[Saved entries]
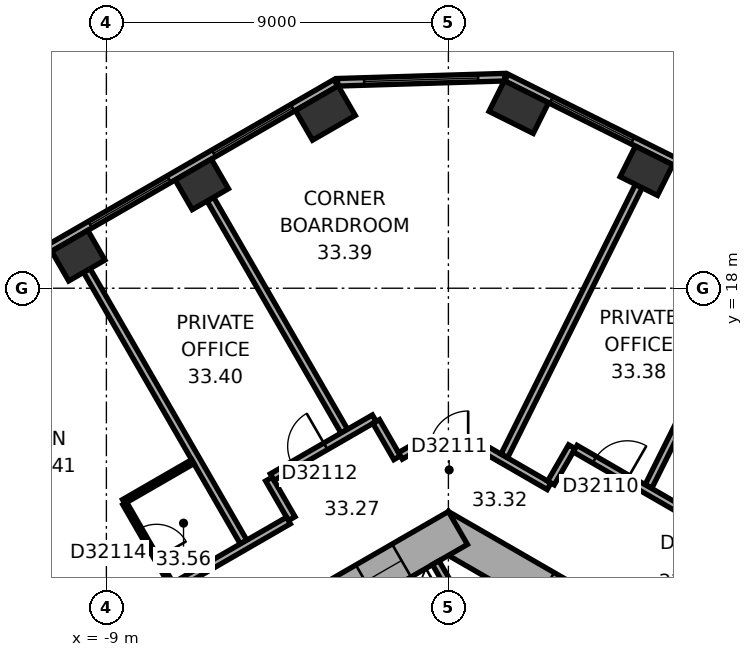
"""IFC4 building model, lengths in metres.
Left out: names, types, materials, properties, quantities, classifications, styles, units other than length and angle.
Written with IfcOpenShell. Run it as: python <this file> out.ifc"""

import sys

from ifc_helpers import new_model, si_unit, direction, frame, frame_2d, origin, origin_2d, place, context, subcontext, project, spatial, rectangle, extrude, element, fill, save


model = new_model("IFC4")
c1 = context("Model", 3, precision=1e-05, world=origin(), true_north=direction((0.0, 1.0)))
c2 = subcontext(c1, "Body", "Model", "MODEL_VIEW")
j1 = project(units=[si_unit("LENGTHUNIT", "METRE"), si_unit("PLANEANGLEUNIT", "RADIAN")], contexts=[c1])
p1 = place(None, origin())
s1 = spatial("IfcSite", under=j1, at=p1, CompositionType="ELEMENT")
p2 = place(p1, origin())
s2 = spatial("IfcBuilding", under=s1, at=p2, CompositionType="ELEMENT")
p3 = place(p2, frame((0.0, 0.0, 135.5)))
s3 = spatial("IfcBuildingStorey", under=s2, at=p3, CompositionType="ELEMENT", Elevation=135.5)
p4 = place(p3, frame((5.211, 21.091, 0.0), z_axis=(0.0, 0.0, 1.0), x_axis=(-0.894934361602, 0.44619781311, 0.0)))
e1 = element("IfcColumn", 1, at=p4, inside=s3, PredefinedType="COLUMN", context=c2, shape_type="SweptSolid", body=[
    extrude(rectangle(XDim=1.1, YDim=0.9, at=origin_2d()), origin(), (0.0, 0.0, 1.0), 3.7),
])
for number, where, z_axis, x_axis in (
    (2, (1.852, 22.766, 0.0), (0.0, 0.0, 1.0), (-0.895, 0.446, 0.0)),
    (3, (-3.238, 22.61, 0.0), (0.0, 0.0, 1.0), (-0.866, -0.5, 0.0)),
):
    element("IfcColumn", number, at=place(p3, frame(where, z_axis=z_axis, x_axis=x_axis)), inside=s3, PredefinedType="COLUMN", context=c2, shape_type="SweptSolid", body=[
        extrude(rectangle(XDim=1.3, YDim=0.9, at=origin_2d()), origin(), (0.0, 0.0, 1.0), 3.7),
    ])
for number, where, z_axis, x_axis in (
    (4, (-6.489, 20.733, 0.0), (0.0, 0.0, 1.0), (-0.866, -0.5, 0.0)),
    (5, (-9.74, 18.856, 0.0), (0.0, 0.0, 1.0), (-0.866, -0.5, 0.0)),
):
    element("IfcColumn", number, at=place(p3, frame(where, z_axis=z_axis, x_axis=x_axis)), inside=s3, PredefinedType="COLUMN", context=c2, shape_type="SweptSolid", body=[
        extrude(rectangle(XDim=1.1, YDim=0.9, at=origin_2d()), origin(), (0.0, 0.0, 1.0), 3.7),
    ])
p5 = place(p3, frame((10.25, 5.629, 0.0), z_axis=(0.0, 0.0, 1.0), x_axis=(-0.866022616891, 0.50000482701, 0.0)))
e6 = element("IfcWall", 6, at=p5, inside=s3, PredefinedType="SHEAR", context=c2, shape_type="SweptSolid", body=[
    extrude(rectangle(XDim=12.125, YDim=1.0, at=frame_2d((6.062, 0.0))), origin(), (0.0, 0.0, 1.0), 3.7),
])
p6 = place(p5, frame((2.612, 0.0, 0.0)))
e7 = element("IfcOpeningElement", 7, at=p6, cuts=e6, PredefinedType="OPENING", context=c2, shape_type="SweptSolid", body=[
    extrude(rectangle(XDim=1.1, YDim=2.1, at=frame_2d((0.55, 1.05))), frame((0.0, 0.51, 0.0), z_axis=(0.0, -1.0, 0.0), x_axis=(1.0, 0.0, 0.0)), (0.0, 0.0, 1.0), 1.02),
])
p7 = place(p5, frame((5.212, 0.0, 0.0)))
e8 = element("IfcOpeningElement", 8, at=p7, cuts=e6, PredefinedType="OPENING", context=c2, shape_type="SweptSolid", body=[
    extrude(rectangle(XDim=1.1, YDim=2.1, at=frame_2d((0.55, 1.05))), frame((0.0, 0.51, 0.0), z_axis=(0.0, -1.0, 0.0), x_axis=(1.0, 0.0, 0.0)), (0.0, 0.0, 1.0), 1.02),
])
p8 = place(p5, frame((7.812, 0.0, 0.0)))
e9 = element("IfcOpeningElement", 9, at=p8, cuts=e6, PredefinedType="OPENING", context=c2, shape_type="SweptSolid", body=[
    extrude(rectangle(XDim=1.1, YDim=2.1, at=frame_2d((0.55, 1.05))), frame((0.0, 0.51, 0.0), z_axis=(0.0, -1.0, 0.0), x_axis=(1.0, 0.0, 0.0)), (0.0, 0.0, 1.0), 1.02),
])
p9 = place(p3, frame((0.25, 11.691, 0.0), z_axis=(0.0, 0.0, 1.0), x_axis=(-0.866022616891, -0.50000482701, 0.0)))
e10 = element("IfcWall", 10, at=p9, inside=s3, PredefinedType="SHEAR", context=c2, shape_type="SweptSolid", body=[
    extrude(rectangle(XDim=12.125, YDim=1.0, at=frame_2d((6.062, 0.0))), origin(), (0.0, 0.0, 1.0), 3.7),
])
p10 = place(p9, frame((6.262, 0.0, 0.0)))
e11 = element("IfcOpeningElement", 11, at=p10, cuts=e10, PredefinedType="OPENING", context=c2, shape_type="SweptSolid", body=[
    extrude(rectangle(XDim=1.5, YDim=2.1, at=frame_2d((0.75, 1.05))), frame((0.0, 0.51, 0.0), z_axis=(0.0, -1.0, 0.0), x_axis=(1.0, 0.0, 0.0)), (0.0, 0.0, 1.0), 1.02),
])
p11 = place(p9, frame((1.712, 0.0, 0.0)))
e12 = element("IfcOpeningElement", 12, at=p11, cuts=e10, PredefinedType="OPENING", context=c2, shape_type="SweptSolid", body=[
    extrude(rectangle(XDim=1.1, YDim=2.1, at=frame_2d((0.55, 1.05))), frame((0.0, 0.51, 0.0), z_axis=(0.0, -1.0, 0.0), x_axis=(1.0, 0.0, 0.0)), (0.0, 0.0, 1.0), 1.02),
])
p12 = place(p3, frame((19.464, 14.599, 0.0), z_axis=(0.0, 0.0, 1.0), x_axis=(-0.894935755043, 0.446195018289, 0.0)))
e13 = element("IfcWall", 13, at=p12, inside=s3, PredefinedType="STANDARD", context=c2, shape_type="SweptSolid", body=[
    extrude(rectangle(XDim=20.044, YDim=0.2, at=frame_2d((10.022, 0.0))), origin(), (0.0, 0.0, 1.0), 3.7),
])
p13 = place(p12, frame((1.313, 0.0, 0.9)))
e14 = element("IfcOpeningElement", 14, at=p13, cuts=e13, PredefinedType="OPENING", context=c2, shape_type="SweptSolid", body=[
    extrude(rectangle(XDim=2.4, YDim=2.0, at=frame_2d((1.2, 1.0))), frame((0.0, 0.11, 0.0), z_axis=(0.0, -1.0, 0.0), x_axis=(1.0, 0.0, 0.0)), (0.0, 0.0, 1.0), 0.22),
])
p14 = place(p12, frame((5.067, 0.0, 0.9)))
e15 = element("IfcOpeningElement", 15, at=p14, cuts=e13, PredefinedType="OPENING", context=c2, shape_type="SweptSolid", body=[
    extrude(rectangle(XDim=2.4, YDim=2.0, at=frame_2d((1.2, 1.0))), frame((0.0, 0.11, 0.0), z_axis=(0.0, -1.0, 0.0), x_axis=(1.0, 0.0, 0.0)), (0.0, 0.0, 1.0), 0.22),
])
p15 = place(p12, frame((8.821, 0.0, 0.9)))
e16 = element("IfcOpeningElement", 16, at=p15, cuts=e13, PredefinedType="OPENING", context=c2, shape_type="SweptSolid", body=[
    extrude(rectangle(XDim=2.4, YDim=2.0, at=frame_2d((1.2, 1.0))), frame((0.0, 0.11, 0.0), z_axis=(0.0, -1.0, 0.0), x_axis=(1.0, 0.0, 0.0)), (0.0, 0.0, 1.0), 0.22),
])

▸ **WORK TASK**:
From the data above, copy each line that has the string "under".

▸ **EXERCISE RESULT**:
s1 = spatial("IfcSite", under=j1, at=p1, CompositionType="ELEMENT")
s2 = spatial("IfcBuilding", under=s1, at=p2, CompositionType="ELEMENT")
s3 = spatial("IfcBuildingStorey", under=s2, at=p3, CompositionType="ELEMENT", Elevation=135.5)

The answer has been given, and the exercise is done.